--- YOUR OBJECTIVE ---
State the count of lines below featuring the word "CompositionType", and write nothing further.

━━━━━━━━

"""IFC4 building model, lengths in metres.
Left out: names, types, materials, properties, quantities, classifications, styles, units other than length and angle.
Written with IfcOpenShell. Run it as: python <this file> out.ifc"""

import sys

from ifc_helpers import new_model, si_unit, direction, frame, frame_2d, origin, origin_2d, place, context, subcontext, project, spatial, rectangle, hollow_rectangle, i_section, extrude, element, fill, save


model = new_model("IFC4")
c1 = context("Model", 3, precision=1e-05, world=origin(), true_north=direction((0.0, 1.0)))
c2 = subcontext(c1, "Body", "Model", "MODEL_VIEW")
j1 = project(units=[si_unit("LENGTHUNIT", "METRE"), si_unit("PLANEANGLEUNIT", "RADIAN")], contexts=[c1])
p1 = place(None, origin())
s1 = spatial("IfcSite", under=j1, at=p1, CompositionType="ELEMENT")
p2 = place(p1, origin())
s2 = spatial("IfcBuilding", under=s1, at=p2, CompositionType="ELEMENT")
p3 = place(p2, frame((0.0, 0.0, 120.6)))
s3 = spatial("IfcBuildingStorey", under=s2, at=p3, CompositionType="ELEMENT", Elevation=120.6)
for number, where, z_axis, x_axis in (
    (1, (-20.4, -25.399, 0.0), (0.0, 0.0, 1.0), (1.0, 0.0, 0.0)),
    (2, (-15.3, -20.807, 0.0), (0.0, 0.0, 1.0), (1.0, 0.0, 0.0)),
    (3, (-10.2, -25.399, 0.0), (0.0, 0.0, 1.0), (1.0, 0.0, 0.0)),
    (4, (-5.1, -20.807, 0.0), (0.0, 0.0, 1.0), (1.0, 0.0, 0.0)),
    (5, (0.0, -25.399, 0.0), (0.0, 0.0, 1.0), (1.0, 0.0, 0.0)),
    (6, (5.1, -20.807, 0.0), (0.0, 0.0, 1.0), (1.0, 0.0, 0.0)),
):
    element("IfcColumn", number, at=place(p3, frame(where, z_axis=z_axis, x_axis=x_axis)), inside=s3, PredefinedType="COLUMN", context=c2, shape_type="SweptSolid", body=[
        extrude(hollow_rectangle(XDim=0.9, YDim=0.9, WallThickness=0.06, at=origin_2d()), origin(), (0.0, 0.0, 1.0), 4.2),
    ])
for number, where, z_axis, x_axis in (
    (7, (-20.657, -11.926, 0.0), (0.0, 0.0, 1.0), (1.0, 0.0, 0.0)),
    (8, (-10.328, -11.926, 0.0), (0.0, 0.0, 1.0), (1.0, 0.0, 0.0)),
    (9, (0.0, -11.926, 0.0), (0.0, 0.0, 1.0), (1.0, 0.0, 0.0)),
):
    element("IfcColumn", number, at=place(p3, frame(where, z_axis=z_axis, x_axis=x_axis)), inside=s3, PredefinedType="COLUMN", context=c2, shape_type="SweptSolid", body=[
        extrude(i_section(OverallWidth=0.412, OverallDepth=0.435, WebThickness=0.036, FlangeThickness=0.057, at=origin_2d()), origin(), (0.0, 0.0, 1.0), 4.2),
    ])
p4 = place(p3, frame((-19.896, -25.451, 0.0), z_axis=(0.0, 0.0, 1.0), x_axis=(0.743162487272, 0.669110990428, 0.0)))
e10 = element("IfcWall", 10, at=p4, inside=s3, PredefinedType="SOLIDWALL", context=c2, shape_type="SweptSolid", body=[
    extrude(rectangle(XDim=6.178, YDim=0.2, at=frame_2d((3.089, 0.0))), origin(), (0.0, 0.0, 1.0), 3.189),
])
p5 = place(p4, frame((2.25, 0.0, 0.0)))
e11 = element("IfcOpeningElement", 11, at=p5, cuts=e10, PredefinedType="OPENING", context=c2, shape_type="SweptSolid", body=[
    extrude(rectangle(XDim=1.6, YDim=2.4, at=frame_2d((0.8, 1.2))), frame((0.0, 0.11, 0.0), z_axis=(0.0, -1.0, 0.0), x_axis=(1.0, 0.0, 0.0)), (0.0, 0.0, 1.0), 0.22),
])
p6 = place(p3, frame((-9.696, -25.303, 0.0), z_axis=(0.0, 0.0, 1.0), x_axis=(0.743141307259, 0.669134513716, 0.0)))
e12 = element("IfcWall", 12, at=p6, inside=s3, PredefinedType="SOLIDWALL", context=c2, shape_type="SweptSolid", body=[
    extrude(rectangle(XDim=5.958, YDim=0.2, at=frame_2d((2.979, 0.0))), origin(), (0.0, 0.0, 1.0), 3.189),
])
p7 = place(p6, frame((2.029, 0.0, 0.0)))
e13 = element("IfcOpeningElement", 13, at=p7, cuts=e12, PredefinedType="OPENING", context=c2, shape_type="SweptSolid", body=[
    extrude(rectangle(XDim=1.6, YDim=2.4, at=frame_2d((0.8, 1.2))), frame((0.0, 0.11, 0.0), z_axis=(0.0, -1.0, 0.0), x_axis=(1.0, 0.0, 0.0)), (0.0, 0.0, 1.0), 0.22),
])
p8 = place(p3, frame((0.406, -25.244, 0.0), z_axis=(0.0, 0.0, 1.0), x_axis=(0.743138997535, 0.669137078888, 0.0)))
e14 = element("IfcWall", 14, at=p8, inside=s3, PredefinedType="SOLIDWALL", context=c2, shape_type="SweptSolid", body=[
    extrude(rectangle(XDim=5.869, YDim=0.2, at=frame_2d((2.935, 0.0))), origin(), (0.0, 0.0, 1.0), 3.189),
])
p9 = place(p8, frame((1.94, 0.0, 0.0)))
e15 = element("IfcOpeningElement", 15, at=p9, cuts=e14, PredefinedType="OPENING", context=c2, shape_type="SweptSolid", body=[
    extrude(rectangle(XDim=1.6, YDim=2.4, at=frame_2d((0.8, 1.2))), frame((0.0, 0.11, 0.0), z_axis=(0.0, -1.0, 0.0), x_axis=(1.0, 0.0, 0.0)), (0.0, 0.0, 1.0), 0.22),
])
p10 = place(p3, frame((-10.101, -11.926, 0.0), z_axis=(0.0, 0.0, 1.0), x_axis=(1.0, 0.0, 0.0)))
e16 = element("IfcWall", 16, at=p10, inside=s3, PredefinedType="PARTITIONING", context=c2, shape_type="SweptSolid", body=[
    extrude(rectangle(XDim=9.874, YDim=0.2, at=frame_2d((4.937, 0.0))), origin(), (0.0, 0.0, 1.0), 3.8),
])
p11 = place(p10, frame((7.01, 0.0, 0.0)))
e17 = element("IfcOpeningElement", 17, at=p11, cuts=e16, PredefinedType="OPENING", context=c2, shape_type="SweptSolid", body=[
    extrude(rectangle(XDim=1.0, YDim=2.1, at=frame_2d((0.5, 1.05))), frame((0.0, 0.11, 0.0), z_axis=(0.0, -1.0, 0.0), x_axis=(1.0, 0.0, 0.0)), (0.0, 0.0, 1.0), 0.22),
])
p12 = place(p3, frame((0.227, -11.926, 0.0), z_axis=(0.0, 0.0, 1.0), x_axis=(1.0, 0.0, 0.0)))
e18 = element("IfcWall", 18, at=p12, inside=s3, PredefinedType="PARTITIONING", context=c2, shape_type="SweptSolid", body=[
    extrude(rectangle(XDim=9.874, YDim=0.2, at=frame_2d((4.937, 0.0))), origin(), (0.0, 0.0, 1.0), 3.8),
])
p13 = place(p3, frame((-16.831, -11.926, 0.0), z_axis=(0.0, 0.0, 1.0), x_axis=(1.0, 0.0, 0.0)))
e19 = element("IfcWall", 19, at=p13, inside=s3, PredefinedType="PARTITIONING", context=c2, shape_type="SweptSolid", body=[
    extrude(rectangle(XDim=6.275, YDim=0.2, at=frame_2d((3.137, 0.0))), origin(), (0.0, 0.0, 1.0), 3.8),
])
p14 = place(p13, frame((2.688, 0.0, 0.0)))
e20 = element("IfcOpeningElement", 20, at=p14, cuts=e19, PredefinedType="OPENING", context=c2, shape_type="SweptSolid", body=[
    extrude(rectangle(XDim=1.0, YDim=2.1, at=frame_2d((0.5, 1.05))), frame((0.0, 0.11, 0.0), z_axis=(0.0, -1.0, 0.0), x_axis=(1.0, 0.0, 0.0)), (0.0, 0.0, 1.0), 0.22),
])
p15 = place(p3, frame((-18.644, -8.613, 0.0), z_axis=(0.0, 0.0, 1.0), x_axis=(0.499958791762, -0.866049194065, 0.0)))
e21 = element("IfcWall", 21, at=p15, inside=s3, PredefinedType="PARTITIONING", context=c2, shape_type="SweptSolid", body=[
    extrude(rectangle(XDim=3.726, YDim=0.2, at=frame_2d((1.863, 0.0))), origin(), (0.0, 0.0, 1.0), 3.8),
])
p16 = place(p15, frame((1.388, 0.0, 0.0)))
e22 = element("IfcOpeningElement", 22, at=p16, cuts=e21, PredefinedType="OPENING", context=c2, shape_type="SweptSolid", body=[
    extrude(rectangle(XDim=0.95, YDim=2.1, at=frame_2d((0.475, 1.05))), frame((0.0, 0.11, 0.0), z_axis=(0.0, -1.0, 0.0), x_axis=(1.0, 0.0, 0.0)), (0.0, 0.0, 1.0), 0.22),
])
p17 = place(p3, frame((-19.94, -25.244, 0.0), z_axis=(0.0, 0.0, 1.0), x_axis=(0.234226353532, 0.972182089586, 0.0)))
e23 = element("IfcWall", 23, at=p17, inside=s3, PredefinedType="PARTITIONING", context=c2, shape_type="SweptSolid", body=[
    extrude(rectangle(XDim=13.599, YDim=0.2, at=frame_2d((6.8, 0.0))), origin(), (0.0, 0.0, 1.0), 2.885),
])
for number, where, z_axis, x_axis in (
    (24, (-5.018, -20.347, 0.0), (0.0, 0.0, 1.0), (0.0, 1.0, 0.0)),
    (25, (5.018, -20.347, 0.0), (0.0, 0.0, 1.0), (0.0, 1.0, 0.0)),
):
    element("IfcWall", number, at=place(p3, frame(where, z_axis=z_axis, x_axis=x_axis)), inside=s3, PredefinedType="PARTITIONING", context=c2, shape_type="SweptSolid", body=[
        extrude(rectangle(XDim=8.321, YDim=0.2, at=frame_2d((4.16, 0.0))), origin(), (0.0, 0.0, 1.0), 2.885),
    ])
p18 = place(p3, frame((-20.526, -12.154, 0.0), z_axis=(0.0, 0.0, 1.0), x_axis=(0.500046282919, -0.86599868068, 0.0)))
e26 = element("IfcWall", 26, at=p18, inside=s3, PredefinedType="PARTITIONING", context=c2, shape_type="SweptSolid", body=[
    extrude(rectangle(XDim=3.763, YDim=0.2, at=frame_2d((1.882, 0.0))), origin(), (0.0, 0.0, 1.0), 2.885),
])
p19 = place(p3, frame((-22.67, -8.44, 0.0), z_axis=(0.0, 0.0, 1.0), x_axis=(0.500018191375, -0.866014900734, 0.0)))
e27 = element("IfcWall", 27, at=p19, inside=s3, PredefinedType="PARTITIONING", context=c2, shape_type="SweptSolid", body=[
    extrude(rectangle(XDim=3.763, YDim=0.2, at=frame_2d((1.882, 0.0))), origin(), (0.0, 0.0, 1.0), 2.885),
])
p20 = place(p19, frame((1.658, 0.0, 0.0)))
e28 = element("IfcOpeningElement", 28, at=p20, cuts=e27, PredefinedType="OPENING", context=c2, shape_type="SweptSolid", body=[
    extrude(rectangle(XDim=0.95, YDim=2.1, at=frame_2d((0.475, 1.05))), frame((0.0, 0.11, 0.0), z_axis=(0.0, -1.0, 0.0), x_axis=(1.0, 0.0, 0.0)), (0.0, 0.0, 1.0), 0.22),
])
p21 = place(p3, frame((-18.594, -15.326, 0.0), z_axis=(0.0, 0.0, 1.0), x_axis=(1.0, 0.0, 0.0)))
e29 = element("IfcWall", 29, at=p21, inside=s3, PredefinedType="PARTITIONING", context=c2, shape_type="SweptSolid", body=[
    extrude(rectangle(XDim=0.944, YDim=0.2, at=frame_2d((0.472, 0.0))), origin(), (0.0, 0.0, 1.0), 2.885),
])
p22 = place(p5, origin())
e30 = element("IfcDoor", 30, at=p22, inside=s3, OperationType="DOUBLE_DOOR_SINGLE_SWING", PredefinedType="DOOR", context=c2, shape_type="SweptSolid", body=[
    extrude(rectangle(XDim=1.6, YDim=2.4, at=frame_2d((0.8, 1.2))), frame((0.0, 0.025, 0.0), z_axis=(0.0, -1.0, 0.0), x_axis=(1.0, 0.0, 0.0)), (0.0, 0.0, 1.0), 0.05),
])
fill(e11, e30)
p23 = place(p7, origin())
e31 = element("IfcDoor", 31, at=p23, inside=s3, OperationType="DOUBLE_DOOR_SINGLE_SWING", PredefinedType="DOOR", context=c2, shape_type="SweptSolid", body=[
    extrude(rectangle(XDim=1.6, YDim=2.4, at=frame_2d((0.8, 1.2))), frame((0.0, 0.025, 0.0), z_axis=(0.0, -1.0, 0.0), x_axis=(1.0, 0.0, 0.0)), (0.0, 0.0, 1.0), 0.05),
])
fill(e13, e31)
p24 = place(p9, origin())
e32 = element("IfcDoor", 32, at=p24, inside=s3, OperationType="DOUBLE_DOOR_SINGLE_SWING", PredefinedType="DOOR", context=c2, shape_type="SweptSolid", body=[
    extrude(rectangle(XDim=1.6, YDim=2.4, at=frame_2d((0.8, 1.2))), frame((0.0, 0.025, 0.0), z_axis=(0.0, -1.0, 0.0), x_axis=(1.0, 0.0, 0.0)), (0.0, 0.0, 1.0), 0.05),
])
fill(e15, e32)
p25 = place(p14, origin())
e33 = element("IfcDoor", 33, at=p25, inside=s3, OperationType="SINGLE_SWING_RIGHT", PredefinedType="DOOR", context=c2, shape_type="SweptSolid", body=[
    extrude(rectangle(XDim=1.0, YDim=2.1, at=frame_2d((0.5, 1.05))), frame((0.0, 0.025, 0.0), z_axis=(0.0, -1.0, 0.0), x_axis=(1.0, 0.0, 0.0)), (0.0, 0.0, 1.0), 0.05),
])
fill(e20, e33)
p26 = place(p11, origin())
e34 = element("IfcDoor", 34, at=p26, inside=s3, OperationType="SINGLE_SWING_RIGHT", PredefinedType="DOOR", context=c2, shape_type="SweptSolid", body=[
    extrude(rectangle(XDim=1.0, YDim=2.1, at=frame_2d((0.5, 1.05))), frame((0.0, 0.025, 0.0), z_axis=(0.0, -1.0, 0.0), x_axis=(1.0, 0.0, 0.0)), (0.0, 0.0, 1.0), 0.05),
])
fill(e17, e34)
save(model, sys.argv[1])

━━━━━━━━

--- RESPONSE AREA ---
3